━━━ RECORDS FOR THIS TASK ━━━
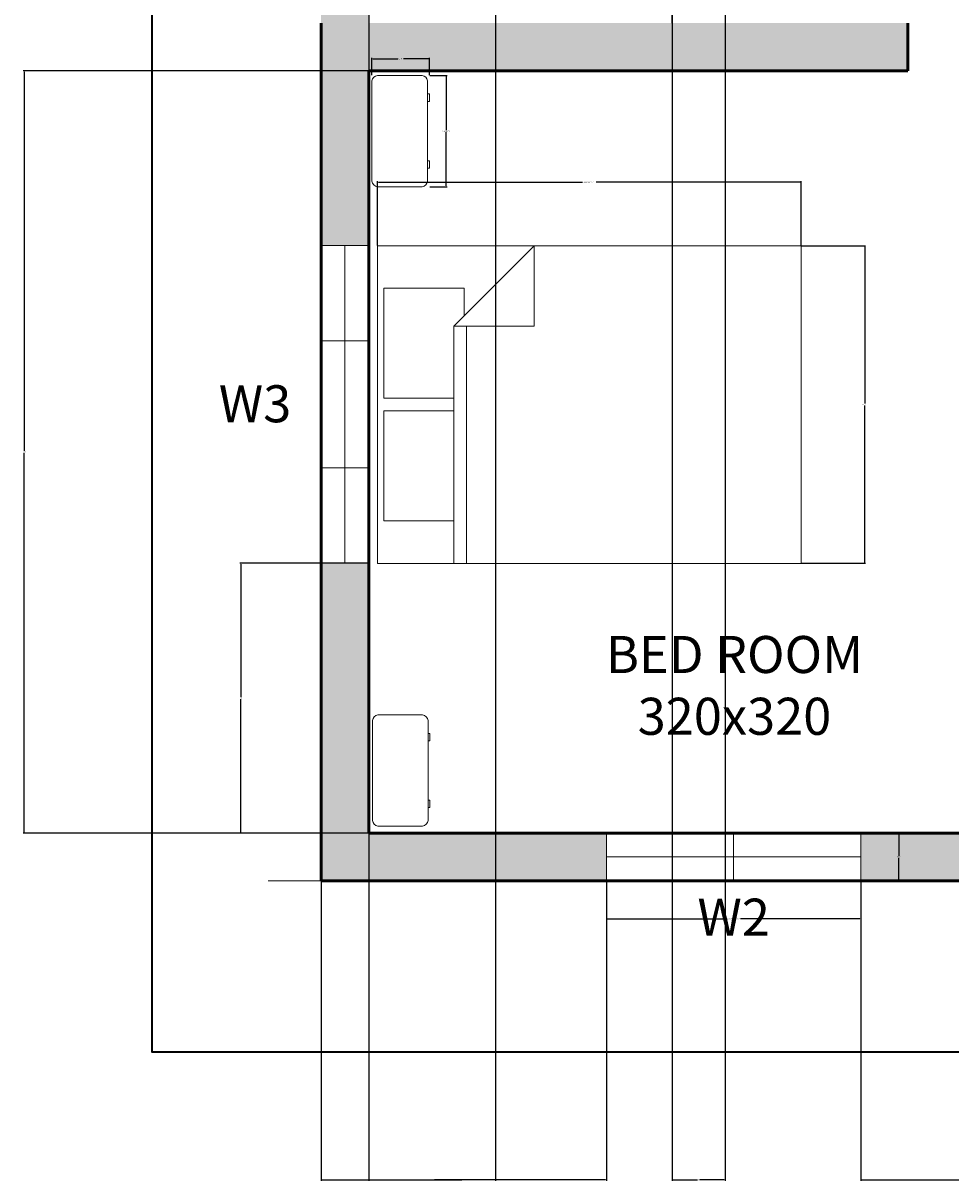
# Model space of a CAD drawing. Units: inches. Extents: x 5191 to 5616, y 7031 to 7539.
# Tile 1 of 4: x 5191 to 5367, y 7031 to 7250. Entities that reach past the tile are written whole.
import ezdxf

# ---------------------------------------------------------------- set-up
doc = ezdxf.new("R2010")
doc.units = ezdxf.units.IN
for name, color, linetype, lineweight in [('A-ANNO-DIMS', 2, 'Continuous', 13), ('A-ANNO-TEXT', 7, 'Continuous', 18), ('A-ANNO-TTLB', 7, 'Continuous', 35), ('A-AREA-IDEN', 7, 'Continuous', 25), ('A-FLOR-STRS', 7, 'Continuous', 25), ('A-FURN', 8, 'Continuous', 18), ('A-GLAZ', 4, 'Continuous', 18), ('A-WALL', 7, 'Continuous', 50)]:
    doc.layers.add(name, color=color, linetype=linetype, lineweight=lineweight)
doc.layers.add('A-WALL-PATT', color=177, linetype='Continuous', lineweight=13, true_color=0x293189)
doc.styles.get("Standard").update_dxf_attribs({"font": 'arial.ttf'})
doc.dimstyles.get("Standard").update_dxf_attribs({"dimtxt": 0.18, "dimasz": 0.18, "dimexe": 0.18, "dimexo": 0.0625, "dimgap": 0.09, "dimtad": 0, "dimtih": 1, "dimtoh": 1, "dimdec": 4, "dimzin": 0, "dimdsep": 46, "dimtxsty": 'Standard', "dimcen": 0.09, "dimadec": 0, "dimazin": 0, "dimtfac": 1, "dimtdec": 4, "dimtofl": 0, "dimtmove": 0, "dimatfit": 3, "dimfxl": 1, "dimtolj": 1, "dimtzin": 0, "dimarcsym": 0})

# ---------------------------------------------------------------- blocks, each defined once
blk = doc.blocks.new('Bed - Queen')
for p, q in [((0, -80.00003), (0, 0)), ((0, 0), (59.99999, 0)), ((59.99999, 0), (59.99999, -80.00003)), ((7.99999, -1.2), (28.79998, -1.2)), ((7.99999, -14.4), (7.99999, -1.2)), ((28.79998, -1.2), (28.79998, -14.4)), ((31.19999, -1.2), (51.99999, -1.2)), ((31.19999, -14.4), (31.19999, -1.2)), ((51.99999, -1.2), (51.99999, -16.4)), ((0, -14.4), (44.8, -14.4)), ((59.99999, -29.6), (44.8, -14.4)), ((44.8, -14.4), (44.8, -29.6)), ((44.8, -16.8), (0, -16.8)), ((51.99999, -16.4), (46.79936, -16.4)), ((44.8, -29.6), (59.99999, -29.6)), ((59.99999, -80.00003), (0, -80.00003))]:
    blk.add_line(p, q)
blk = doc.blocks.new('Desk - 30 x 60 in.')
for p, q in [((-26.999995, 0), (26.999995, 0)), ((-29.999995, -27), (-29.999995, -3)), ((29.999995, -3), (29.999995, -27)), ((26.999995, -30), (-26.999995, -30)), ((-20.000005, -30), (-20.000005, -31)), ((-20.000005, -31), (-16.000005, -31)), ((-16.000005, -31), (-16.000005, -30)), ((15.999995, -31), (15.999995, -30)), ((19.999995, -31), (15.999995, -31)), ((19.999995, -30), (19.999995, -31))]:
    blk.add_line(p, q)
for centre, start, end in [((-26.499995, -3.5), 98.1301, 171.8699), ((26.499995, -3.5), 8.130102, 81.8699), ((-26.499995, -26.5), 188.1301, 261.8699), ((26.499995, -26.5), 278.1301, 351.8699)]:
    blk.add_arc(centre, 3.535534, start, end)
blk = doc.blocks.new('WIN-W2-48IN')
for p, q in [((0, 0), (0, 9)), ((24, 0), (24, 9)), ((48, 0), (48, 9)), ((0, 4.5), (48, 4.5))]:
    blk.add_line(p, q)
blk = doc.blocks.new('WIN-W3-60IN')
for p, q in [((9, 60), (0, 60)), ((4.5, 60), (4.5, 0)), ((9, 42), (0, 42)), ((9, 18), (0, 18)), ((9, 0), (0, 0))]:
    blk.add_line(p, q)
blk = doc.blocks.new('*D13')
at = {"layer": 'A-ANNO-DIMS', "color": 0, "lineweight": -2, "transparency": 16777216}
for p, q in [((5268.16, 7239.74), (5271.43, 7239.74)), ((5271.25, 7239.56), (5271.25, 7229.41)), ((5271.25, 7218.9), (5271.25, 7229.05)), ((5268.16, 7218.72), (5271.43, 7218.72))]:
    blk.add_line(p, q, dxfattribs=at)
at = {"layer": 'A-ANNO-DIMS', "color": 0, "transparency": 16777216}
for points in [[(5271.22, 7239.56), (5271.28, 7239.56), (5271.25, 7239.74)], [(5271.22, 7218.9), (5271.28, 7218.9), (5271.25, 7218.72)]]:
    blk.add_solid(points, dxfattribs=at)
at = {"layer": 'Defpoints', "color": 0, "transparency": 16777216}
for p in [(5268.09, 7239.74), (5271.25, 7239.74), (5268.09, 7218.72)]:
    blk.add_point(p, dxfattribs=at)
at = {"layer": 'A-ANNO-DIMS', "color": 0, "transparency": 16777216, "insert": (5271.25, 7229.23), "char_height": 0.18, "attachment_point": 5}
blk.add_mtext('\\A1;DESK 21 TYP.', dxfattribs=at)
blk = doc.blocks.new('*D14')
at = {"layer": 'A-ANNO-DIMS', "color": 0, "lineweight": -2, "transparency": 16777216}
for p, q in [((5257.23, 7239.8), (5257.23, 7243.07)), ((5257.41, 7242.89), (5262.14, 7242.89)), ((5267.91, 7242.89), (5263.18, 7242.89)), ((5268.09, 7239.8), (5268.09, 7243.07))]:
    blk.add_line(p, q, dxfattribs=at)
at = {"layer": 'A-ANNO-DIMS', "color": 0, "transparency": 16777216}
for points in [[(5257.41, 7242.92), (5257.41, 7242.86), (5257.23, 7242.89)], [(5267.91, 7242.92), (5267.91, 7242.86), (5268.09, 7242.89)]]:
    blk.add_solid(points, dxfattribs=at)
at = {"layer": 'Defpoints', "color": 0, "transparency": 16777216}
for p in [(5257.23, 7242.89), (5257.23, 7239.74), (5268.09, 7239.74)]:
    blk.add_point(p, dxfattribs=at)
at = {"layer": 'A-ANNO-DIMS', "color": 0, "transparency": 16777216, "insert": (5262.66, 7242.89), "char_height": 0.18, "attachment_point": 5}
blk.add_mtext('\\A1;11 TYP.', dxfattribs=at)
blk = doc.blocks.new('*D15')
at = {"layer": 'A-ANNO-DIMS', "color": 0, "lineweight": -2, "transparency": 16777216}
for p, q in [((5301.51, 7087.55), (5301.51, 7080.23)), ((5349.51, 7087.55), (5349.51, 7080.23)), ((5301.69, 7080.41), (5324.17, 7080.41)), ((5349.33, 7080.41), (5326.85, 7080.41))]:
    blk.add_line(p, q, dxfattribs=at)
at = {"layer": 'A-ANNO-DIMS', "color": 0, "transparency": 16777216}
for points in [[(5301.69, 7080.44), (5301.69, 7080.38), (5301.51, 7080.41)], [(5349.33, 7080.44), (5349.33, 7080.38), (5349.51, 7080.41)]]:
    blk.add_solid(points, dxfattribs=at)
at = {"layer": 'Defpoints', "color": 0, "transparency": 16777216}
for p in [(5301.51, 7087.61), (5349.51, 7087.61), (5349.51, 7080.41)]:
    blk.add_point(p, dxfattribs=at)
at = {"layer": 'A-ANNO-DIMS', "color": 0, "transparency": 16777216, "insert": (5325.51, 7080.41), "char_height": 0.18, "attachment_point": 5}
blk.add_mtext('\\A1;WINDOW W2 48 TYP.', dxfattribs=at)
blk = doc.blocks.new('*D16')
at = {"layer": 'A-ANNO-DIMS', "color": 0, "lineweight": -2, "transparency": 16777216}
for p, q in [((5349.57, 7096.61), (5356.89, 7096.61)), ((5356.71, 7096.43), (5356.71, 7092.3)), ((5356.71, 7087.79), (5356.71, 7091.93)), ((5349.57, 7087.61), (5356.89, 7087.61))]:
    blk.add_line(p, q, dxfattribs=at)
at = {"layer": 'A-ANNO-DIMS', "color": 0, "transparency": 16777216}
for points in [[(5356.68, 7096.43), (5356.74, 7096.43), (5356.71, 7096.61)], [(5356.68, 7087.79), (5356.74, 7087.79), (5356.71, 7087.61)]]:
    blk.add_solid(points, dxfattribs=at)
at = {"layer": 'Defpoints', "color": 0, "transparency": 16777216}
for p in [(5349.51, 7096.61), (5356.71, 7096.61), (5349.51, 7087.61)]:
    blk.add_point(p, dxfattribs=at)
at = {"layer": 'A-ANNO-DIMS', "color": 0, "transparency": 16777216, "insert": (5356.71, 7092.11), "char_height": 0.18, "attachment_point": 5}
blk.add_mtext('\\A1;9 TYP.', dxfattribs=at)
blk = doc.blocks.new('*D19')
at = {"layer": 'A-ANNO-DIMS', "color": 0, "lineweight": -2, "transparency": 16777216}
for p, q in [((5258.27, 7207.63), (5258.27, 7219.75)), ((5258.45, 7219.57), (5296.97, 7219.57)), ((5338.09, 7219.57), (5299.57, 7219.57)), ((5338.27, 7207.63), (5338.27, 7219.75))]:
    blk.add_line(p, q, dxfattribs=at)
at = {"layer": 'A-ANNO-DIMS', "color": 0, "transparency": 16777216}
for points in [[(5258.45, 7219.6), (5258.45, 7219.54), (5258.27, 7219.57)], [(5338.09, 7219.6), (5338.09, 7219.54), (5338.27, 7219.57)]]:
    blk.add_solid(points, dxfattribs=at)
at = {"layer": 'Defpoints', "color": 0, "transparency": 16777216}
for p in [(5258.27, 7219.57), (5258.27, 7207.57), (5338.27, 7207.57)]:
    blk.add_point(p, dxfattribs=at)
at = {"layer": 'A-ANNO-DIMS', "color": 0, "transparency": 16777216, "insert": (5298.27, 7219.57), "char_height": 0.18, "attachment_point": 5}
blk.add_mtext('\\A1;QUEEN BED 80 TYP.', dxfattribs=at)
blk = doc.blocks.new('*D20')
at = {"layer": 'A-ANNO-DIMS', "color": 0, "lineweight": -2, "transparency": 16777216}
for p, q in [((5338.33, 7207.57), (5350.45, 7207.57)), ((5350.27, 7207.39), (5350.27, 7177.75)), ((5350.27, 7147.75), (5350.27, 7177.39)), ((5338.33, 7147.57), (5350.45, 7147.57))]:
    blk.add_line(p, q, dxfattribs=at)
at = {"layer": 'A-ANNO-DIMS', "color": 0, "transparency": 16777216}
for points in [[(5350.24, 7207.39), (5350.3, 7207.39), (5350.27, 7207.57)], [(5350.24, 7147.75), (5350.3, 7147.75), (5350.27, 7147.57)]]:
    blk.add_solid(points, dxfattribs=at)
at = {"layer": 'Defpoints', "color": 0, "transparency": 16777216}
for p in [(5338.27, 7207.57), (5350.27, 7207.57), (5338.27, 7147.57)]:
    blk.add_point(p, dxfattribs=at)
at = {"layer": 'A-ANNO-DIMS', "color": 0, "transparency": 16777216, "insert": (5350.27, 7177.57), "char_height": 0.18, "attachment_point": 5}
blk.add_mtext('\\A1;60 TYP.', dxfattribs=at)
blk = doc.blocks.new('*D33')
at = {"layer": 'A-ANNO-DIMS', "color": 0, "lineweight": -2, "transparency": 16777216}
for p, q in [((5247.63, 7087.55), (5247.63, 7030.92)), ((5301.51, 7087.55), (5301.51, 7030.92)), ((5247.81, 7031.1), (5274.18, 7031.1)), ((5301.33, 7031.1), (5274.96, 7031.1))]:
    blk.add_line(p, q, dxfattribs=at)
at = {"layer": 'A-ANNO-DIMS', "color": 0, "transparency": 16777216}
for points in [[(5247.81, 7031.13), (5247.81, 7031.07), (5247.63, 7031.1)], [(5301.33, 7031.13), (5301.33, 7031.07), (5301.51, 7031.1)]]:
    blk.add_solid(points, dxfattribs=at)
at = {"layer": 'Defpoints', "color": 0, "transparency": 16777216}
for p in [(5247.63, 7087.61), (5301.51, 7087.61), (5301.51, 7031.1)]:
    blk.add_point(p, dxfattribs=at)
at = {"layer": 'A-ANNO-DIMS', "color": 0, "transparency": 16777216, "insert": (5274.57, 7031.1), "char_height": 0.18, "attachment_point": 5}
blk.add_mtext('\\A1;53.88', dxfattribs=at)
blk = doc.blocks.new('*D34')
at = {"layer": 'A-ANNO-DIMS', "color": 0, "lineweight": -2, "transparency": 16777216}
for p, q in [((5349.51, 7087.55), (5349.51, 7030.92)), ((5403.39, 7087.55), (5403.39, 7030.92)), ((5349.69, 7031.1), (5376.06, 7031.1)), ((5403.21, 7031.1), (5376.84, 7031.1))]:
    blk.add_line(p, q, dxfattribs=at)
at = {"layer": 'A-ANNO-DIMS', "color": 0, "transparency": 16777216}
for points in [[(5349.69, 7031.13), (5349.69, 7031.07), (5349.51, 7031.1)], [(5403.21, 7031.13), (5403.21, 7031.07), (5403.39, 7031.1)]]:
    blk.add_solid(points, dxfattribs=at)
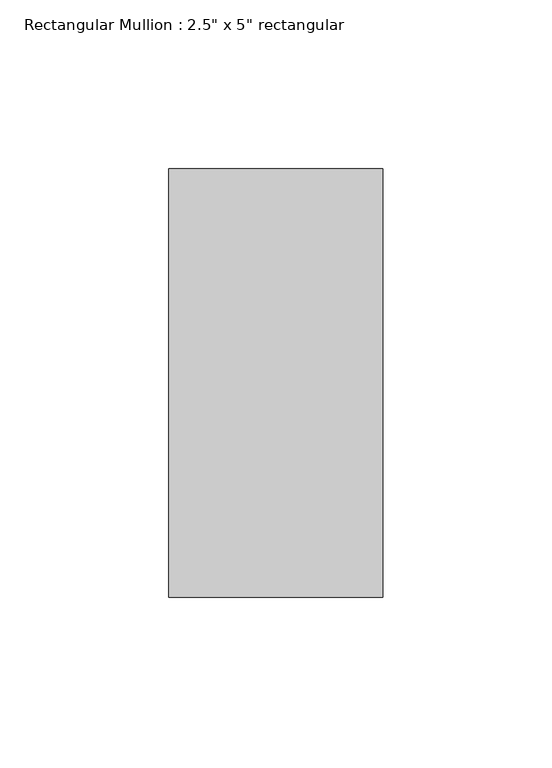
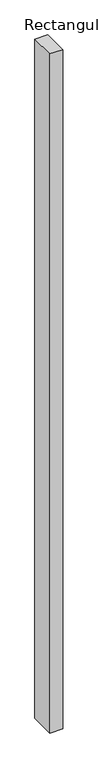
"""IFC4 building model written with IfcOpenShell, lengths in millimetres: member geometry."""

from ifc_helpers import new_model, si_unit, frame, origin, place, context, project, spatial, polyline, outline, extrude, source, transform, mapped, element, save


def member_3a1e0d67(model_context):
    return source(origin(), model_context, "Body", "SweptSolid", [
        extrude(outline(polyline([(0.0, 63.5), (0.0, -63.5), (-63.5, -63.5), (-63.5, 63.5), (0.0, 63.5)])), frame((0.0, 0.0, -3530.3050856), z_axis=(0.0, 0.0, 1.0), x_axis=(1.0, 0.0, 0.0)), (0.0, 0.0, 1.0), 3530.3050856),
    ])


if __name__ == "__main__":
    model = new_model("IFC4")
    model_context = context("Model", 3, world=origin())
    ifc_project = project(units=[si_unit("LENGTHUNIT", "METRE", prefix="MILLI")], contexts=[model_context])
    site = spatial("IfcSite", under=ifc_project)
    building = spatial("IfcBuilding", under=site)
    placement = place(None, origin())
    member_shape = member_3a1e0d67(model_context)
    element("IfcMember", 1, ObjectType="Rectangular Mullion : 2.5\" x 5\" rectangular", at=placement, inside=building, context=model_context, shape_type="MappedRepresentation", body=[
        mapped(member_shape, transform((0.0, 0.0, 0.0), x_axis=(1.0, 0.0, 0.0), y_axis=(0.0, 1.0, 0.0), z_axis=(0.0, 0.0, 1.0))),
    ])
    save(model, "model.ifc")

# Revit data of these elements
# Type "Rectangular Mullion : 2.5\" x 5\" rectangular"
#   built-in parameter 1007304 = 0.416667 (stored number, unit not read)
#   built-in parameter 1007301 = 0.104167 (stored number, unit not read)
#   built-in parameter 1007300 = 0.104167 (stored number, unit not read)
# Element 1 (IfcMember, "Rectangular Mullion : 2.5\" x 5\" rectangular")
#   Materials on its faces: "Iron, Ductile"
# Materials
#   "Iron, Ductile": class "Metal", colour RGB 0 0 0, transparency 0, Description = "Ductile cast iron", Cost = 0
━━━
— WHAT NEEDS TO BE DONE —
Please filter the listing down to lines that include the word "source".

— SOLVED PROBLEM —
from ifc_helpers import new_model, si_unit, frame, origin, place, context, project, spatial, polyline, outline, extrude, source, transform, mapped, element, save
    return source(origin(), model_context, "Body", "SweptSolid", [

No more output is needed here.